- **Records provided**
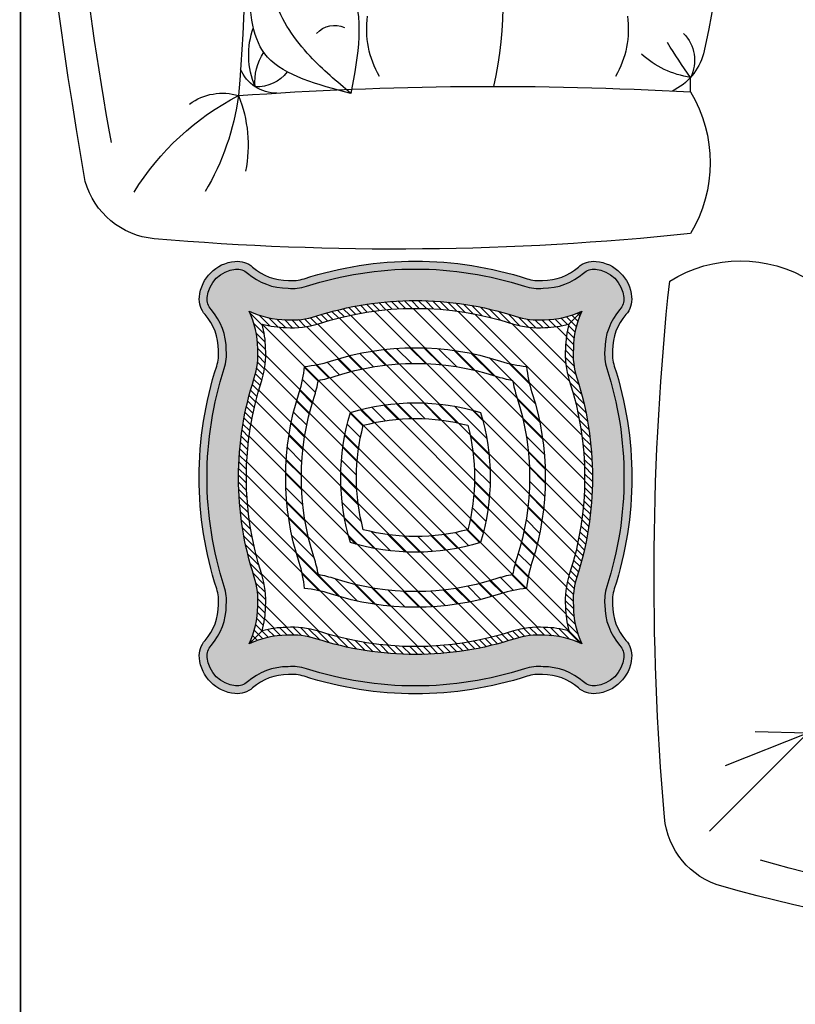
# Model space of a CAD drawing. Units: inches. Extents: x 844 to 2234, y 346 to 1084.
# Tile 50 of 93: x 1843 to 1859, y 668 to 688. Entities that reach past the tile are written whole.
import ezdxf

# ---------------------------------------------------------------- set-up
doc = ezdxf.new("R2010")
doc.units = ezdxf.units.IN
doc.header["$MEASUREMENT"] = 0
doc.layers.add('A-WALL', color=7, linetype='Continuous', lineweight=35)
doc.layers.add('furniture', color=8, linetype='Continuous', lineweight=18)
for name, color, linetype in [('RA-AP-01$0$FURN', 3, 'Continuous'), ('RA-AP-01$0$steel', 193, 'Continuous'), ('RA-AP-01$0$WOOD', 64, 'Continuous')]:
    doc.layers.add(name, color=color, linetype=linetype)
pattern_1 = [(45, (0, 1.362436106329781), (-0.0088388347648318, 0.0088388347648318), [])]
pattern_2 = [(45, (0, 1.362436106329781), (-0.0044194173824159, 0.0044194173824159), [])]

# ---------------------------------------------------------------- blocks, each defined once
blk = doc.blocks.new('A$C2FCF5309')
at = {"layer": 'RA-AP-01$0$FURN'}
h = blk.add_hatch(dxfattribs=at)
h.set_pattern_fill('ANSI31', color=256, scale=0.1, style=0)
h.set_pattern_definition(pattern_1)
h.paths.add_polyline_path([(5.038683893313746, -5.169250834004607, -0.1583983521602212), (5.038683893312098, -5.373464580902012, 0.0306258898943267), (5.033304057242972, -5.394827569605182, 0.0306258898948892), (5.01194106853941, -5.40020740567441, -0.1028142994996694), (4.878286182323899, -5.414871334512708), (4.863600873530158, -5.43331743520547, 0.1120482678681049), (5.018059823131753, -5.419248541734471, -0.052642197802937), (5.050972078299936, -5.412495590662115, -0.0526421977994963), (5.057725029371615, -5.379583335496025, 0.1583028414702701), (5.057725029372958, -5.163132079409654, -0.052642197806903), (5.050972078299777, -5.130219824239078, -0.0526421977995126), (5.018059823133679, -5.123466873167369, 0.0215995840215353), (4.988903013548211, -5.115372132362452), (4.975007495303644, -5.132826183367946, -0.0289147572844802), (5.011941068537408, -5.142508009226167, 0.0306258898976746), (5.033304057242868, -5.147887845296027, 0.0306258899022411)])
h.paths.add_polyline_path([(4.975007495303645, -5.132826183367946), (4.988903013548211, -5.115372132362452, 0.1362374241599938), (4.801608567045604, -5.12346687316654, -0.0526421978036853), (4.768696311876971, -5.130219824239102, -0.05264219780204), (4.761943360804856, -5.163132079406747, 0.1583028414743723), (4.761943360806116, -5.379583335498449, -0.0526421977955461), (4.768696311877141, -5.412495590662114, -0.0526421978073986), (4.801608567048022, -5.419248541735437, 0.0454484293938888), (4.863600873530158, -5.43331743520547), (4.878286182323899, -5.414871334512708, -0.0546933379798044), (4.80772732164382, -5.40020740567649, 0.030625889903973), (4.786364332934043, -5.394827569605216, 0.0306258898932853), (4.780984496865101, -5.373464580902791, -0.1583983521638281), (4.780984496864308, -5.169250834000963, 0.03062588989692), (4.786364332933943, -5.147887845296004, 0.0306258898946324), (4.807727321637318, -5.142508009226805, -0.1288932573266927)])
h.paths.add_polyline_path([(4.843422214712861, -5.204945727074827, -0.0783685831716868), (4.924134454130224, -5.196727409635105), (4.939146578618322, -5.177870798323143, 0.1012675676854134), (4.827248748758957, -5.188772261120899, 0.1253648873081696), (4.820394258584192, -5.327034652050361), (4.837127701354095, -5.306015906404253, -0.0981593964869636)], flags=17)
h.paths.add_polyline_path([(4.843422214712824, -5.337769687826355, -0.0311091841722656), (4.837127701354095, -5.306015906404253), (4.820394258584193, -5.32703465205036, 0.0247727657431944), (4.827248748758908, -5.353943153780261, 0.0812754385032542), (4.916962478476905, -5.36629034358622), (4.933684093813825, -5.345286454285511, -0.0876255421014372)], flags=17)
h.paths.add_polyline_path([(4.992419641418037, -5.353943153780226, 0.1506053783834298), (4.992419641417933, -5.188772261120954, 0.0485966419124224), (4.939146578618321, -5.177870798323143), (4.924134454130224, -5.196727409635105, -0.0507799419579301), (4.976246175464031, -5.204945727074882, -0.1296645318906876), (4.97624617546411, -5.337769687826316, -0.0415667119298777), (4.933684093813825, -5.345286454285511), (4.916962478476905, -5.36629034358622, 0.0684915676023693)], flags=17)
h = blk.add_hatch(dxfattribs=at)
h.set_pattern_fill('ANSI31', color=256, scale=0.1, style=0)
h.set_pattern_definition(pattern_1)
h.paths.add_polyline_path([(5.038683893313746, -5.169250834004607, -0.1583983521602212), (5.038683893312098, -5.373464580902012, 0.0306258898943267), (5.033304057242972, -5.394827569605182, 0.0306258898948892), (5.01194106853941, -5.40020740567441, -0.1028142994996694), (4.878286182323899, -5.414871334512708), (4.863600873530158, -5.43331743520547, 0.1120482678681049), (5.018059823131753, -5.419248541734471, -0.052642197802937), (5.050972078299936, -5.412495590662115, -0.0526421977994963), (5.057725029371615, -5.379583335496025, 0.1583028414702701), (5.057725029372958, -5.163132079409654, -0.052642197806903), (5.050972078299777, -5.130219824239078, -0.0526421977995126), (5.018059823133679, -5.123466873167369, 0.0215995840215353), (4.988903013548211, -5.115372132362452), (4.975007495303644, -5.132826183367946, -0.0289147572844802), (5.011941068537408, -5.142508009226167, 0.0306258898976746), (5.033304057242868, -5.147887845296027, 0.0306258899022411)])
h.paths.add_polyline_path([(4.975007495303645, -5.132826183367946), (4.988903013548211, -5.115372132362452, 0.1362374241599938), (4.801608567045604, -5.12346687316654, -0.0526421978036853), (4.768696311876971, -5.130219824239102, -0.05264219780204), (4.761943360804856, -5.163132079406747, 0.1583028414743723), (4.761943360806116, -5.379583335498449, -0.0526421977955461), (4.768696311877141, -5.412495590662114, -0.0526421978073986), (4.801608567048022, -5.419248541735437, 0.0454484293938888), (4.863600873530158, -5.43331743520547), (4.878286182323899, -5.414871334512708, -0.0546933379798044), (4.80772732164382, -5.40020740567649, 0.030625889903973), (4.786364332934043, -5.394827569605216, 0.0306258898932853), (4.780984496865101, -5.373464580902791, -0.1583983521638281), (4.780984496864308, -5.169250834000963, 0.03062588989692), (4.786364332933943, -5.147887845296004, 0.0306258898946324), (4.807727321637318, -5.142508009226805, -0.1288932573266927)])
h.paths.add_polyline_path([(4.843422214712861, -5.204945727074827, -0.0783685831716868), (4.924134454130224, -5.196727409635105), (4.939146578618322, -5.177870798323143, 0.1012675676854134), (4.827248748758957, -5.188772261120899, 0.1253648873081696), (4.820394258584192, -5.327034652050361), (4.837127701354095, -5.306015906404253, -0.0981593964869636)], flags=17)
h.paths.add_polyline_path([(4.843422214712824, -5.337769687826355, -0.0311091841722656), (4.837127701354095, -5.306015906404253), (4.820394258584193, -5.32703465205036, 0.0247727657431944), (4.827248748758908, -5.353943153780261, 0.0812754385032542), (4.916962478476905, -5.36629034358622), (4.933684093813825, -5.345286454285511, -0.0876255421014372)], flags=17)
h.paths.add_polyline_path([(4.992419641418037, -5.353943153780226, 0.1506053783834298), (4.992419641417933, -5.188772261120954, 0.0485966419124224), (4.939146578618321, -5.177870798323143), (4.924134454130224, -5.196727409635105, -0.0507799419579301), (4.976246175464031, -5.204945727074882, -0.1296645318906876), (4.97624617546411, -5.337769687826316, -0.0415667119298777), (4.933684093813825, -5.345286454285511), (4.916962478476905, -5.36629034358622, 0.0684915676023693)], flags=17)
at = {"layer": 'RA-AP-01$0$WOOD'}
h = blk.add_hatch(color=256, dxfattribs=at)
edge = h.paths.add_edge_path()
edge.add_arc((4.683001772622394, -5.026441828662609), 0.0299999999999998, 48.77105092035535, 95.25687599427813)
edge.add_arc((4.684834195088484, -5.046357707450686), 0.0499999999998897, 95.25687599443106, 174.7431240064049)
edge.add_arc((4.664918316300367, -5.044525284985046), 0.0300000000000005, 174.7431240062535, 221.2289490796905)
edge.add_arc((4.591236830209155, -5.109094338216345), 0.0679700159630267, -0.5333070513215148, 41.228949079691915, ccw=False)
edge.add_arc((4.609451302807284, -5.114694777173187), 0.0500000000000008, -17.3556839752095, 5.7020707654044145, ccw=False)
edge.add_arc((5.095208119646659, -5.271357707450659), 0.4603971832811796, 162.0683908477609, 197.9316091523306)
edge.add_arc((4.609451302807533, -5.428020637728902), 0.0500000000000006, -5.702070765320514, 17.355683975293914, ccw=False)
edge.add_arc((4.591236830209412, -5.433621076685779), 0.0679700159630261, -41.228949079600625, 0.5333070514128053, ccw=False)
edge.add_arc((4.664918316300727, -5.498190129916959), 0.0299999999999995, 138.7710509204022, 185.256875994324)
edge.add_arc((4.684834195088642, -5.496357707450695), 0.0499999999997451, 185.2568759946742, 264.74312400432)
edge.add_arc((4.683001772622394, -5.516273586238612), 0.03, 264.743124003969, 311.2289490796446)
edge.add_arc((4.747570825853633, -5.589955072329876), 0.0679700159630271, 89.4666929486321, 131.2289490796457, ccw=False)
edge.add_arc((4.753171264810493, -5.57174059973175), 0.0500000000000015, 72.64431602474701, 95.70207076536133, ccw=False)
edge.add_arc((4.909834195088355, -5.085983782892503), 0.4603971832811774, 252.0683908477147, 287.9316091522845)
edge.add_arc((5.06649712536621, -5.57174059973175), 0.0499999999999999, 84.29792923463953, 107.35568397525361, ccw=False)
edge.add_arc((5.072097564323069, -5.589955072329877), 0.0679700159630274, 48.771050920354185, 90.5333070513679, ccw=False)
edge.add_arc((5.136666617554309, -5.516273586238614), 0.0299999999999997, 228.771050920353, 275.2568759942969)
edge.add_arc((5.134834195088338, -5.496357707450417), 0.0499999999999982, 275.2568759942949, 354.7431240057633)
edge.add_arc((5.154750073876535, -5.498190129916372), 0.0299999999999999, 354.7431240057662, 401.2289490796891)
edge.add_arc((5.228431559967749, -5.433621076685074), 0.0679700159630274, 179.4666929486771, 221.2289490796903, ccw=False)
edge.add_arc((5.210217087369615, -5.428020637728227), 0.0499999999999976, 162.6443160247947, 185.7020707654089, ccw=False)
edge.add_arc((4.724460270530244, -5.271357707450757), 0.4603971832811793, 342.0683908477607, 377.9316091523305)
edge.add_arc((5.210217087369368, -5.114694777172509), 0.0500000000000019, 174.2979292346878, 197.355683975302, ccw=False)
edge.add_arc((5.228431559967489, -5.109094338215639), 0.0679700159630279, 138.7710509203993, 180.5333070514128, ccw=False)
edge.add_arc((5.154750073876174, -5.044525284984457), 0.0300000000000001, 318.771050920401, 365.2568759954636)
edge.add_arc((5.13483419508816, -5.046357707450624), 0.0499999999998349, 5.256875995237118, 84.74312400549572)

- **Action item**
Using the records above, say how many lines include the string "linetype". Only the number is wanted.

- **Task result**
4